• **Exercise prompt**
Exactly the lines below from the one with "#9=VERTEX_POINT('',#8);" up to and including the one with "#39=LINE('',#36,#38);" make up the answer, with nothing else added.

• **Records provided**
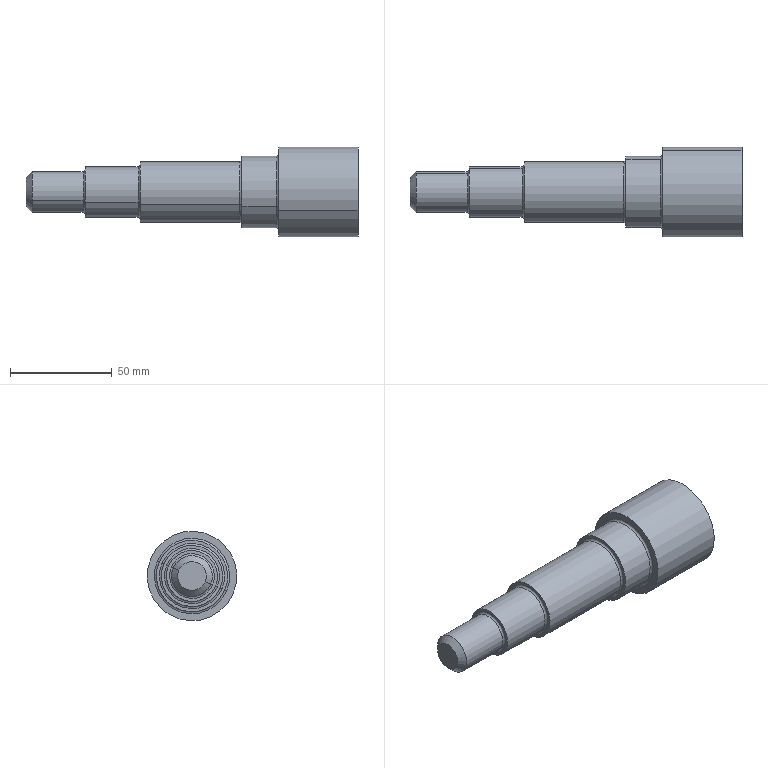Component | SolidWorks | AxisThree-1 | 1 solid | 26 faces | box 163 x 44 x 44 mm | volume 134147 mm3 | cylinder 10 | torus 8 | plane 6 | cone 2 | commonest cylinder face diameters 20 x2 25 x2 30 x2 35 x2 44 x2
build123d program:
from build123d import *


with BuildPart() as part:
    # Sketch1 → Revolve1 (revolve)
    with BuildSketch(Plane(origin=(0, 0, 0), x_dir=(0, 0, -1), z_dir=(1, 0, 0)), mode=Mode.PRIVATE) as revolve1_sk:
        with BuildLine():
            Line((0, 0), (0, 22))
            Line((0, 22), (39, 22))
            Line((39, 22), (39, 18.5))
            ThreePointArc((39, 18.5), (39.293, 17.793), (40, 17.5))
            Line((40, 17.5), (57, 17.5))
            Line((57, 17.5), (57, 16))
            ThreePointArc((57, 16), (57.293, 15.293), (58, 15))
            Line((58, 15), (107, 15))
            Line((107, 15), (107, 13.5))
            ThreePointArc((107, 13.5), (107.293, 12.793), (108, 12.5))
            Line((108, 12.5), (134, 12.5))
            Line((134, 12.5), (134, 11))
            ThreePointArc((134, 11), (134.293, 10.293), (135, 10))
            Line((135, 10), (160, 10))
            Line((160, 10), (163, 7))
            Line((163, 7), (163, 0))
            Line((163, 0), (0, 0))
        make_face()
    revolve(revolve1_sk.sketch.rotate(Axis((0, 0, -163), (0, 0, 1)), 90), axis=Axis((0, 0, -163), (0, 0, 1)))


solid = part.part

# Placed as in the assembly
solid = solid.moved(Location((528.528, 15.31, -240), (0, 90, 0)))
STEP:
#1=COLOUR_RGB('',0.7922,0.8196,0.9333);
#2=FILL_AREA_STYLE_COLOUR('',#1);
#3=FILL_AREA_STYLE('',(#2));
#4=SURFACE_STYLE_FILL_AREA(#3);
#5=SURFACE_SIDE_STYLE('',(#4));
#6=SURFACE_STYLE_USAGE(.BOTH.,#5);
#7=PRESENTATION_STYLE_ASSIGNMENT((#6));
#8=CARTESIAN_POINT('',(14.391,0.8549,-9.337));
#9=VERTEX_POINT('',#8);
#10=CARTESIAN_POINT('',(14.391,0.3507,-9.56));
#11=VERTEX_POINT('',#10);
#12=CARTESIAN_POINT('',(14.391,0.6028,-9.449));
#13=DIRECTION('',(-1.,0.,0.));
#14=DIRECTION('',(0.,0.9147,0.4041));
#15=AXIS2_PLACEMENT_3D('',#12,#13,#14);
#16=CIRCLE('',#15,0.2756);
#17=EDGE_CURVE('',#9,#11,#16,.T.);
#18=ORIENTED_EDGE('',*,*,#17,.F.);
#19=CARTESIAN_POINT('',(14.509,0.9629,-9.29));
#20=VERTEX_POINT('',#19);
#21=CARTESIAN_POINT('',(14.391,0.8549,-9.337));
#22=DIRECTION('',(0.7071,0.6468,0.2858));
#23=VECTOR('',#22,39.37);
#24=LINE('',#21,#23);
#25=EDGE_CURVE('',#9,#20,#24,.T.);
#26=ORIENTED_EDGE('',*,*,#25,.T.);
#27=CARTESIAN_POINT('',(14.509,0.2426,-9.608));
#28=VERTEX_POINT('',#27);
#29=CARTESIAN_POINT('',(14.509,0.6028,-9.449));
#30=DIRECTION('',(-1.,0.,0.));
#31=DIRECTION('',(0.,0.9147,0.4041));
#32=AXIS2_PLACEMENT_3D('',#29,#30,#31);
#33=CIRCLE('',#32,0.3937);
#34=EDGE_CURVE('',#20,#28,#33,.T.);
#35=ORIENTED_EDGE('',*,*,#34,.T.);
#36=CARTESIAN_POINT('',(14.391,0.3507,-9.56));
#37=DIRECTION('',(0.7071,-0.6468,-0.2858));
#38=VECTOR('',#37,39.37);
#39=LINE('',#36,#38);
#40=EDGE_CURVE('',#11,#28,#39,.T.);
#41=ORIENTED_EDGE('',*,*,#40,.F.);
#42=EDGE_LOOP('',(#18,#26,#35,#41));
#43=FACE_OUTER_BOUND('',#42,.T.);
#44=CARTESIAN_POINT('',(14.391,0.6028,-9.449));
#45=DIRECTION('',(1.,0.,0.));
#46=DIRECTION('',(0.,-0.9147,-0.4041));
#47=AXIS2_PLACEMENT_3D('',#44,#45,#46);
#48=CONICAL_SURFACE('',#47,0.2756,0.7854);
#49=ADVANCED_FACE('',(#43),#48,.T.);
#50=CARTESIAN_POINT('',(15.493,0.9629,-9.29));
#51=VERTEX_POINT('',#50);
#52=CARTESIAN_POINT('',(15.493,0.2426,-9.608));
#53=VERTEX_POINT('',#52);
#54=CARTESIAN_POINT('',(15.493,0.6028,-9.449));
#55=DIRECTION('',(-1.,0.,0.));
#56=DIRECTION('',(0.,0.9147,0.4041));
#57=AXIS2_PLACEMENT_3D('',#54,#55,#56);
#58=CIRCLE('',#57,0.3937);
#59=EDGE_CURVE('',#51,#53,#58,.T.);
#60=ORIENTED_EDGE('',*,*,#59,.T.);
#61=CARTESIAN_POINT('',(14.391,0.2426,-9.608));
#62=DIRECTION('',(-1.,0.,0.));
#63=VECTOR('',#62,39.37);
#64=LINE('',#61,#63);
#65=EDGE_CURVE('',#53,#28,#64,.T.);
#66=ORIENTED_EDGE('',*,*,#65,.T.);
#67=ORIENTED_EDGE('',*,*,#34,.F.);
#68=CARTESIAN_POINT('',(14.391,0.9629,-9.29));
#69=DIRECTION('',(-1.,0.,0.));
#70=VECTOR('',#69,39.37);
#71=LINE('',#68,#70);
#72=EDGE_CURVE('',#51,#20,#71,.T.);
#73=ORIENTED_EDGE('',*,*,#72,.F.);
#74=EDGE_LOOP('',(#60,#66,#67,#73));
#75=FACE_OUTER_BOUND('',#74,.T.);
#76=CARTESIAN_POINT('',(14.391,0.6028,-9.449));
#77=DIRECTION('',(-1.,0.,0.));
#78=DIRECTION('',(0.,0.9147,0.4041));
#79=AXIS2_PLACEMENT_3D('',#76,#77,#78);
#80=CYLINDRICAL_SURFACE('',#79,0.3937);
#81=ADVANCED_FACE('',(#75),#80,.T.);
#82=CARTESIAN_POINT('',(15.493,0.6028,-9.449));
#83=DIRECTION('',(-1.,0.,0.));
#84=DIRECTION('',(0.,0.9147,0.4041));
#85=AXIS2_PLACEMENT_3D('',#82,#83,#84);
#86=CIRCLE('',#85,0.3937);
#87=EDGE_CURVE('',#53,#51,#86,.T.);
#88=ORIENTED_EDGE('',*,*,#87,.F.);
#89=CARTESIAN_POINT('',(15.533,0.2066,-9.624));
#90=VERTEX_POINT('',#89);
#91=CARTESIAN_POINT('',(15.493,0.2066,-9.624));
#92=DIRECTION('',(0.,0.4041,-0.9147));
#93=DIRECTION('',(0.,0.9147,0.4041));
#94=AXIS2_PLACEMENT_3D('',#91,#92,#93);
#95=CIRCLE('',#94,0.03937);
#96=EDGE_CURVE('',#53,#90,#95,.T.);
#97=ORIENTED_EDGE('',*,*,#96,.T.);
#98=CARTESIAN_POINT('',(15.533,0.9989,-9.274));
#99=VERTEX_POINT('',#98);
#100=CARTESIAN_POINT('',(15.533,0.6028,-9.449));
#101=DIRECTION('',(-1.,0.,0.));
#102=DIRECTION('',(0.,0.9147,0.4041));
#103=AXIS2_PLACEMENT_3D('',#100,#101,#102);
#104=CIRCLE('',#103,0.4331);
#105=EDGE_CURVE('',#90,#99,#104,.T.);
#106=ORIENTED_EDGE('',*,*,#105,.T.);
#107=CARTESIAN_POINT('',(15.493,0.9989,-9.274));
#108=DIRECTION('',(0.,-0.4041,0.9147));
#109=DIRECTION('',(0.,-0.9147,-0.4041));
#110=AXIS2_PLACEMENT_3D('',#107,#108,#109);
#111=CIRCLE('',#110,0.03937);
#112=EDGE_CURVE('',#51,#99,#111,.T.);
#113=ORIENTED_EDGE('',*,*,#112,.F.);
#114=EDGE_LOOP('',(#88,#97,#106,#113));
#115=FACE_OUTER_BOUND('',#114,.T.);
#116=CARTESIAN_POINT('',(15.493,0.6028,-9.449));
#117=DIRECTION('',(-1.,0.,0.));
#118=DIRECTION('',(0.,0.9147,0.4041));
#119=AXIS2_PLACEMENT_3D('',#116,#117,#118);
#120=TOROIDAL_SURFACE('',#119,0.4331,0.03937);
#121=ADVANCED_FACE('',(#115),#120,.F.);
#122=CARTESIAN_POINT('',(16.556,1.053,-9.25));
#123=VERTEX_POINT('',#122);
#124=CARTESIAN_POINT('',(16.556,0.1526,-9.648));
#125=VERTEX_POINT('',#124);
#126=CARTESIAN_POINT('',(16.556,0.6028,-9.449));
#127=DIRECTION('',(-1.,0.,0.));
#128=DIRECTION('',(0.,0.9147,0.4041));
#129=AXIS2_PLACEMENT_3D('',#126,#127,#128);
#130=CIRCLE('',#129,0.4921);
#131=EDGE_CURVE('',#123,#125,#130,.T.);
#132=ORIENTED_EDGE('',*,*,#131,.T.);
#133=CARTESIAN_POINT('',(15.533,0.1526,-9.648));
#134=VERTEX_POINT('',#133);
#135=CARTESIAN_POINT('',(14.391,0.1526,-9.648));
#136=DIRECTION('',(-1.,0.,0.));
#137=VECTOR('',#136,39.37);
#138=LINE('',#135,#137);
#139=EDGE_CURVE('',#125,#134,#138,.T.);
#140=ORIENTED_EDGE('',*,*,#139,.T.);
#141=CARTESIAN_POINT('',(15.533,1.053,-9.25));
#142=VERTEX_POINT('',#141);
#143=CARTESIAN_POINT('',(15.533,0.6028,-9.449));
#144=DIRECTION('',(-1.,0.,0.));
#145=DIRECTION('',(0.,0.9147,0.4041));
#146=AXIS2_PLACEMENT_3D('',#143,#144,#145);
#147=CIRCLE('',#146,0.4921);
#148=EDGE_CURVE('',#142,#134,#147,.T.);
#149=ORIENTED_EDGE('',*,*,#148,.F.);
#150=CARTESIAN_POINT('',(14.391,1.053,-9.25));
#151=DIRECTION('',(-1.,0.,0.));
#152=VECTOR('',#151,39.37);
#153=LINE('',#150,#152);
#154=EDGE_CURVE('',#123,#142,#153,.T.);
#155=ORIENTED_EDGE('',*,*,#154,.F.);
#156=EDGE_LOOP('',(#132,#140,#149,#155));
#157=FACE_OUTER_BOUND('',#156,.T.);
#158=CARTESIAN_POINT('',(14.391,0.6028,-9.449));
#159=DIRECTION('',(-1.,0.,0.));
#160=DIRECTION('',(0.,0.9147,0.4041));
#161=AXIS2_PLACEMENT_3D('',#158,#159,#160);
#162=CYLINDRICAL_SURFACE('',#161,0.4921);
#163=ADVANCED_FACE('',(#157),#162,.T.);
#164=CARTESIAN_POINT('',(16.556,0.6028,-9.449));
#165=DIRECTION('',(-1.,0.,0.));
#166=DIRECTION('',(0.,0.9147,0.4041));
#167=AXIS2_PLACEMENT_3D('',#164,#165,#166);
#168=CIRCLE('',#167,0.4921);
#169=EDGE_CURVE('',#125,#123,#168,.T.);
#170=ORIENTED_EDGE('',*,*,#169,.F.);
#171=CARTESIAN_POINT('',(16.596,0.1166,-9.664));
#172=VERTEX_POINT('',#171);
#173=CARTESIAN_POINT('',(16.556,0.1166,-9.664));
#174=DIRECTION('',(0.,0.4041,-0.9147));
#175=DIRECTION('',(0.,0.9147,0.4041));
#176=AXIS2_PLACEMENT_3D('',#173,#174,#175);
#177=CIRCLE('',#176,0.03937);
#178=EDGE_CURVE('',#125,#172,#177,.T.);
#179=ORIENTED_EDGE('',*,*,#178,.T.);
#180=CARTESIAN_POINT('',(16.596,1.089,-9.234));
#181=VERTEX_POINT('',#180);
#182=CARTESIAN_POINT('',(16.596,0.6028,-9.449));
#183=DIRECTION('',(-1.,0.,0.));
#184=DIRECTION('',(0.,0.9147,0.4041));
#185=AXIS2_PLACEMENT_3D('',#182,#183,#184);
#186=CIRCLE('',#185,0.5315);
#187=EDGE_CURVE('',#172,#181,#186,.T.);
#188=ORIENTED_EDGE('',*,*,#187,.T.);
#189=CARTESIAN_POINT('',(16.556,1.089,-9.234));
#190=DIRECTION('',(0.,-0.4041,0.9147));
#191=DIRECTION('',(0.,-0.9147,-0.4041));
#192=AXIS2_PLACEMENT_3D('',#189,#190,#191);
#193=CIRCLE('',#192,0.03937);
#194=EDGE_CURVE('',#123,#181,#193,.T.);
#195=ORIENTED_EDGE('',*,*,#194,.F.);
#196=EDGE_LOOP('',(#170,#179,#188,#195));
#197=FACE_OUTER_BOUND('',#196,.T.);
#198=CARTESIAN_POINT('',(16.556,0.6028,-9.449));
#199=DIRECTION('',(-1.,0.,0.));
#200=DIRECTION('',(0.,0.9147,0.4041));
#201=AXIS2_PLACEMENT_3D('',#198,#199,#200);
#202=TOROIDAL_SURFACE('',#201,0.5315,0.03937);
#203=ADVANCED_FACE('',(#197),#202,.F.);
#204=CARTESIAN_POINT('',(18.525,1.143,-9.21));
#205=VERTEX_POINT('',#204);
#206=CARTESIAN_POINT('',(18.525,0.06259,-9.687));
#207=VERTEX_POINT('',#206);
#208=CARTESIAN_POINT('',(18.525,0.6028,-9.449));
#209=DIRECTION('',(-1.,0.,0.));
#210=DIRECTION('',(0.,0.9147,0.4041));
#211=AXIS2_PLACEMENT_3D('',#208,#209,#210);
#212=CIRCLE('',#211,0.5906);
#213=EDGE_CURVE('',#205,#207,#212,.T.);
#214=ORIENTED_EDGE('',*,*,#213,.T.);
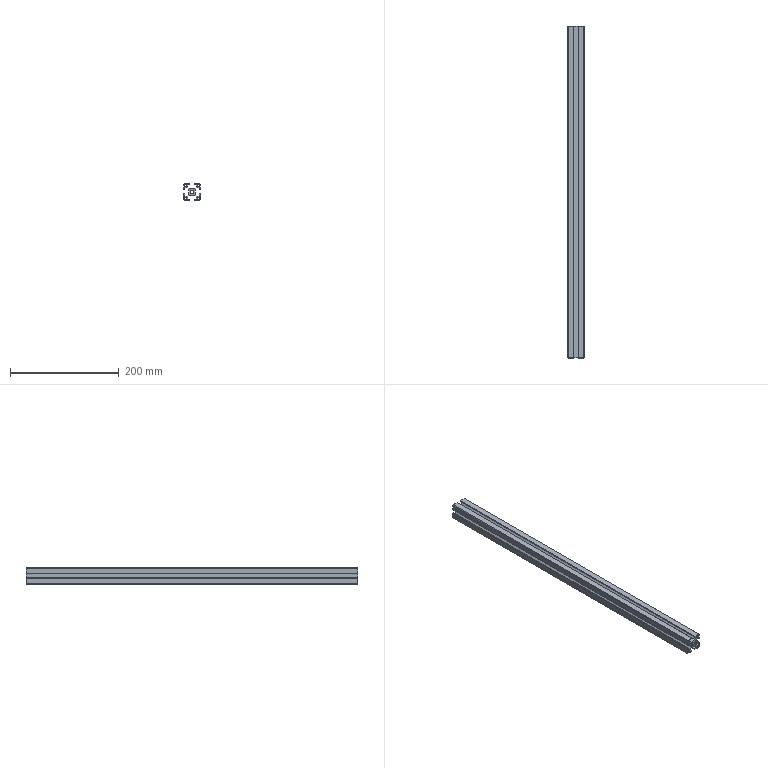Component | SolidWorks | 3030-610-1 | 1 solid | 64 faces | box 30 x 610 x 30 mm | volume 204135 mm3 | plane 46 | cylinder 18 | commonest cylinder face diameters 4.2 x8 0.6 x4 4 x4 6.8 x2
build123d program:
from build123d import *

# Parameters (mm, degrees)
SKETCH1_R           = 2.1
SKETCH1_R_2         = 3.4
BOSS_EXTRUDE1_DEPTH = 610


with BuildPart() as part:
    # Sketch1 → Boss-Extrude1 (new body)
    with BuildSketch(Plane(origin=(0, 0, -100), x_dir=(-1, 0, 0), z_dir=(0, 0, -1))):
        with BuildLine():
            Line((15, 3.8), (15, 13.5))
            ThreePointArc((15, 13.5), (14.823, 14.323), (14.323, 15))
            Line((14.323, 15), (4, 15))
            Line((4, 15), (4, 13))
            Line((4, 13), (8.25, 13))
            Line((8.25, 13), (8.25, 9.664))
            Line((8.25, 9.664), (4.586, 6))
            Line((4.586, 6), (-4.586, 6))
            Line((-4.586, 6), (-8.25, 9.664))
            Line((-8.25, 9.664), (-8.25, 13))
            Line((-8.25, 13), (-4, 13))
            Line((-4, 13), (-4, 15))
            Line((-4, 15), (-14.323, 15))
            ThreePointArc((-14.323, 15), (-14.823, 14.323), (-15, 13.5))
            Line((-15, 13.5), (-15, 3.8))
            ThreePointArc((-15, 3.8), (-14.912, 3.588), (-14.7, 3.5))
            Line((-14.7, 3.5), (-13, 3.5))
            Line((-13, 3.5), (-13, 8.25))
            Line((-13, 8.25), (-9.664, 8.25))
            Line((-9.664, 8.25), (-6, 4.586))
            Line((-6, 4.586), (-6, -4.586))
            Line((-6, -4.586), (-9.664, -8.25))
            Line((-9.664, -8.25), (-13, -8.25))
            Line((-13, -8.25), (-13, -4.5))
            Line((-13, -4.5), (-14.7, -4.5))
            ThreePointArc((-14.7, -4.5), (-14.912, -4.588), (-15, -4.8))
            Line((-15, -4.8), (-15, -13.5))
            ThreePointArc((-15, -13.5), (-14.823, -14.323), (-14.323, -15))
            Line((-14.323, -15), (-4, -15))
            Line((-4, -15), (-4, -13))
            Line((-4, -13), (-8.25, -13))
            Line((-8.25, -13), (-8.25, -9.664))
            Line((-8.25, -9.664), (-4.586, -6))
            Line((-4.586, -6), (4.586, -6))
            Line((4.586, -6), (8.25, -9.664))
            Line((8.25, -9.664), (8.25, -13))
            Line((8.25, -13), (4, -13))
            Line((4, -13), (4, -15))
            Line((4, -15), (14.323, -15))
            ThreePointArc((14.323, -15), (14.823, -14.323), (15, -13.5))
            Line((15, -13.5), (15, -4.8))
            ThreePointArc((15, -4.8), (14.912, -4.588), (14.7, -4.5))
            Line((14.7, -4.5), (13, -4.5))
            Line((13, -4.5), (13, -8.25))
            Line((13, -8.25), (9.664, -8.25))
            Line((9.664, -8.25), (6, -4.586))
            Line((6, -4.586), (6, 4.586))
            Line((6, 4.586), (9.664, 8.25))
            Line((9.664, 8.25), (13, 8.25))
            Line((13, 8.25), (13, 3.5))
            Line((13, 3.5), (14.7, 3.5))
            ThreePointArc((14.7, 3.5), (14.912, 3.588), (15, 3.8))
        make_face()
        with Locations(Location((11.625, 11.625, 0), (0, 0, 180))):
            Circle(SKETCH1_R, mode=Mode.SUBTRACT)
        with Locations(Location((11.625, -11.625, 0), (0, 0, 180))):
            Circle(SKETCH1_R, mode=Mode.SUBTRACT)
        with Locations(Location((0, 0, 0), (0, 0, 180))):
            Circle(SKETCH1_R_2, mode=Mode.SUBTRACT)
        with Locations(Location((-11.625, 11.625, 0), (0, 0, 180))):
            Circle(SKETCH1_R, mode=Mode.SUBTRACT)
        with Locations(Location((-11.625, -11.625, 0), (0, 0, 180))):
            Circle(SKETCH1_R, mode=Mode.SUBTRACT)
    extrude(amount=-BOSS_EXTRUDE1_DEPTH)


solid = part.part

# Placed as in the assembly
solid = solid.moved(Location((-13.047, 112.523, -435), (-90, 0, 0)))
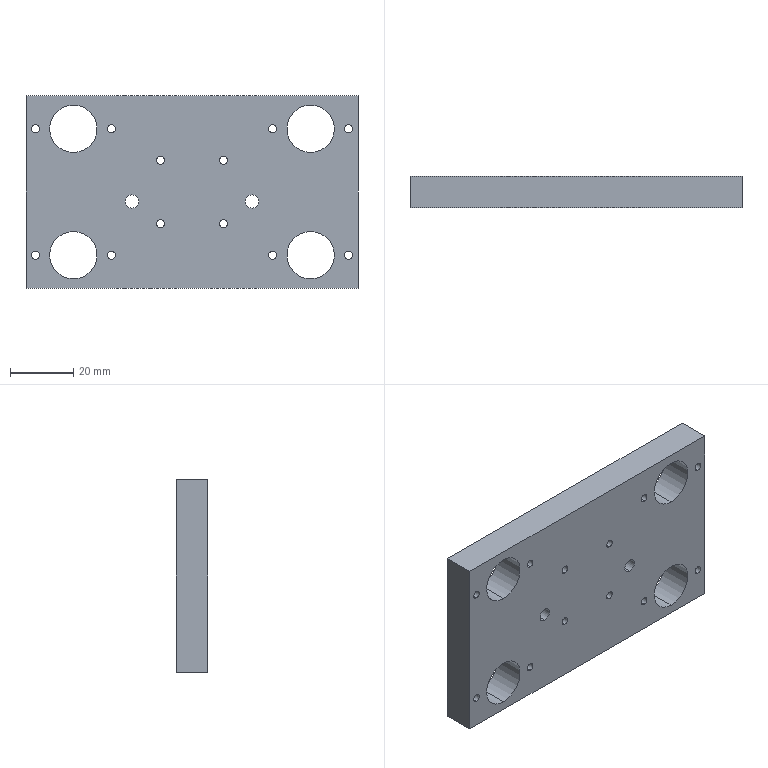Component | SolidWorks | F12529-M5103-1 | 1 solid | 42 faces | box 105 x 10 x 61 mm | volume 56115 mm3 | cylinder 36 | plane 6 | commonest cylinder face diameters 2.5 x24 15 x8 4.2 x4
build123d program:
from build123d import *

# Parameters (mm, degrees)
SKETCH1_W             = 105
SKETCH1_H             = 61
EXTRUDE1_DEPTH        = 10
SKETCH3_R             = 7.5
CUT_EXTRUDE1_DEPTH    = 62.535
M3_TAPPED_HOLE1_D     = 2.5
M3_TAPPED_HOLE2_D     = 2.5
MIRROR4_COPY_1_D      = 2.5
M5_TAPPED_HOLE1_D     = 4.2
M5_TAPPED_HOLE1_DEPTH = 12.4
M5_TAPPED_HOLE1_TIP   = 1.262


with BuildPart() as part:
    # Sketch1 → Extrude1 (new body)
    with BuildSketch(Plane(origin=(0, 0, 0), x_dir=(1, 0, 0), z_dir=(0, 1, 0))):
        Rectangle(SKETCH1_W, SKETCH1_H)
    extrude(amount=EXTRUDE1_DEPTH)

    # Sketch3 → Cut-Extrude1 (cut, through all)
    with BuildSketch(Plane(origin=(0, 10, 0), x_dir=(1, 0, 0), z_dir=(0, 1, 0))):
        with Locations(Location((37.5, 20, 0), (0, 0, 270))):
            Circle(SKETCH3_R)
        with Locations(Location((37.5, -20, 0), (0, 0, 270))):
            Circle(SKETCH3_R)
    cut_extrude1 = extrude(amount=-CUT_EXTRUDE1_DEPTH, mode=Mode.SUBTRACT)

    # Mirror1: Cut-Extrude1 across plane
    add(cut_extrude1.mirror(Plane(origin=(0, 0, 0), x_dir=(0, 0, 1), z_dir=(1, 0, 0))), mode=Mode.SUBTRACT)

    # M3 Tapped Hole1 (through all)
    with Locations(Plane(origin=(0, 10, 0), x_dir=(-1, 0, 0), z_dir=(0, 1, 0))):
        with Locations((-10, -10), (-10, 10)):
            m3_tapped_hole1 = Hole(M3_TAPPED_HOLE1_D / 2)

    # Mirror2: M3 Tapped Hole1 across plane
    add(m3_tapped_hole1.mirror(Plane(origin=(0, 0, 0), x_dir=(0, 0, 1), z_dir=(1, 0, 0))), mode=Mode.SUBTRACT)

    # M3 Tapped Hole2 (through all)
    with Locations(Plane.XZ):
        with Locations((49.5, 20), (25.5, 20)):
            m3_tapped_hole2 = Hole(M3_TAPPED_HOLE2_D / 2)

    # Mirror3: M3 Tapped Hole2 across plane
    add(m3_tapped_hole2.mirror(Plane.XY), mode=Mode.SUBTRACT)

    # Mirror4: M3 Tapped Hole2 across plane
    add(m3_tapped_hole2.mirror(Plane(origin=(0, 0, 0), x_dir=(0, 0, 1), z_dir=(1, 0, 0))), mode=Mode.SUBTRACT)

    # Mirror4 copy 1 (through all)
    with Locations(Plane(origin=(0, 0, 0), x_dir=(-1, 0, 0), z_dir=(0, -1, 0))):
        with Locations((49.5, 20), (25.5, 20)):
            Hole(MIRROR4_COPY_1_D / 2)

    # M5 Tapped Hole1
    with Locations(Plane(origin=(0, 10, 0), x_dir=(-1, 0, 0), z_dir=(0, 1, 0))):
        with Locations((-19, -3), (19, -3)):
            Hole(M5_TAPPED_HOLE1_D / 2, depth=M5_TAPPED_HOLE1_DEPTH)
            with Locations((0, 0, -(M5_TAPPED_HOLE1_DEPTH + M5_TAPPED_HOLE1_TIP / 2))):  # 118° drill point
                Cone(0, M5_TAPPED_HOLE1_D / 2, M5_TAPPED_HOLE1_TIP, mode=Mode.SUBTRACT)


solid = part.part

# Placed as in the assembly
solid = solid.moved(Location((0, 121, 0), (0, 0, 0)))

• **Response area**
#9=VERTEX_POINT('',#8);
#10=CARTESIAN_POINT('',(14.391,0.3507,-9.56));
#11=VERTEX_POINT('',#10);
#12=CARTESIAN_POINT('',(14.391,0.6028,-9.449));
#13=DIRECTION('',(-1.,0.,0.));
#14=DIRECTION('',(0.,0.9147,0.4041));
#15=AXIS2_PLACEMENT_3D('',#12,#13,#14);
#16=CIRCLE('',#15,0.2756);
#17=EDGE_CURVE('',#9,#11,#16,.T.);
#18=ORIENTED_EDGE('',*,*,#17,.F.);
#19=CARTESIAN_POINT('',(14.509,0.9629,-9.29));
#20=VERTEX_POINT('',#19);
#21=CARTESIAN_POINT('',(14.391,0.8549,-9.337));
#22=DIRECTION('',(0.7071,0.6468,0.2858));
#23=VECTOR('',#22,39.37);
#24=LINE('',#21,#23);
#25=EDGE_CURVE('',#9,#20,#24,.T.);
#26=ORIENTED_EDGE('',*,*,#25,.T.);
#27=CARTESIAN_POINT('',(14.509,0.2426,-9.608));
#28=VERTEX_POINT('',#27);
#29=CARTESIAN_POINT('',(14.509,0.6028,-9.449));
#30=DIRECTION('',(-1.,0.,0.));
#31=DIRECTION('',(0.,0.9147,0.4041));
#32=AXIS2_PLACEMENT_3D('',#29,#30,#31);
#33=CIRCLE('',#32,0.3937);
#34=EDGE_CURVE('',#20,#28,#33,.T.);
#35=ORIENTED_EDGE('',*,*,#34,.T.);
#36=CARTESIAN_POINT('',(14.391,0.3507,-9.56));
#37=DIRECTION('',(0.7071,-0.6468,-0.2858));
#38=VECTOR('',#37,39.37);
#39=LINE('',#36,#38);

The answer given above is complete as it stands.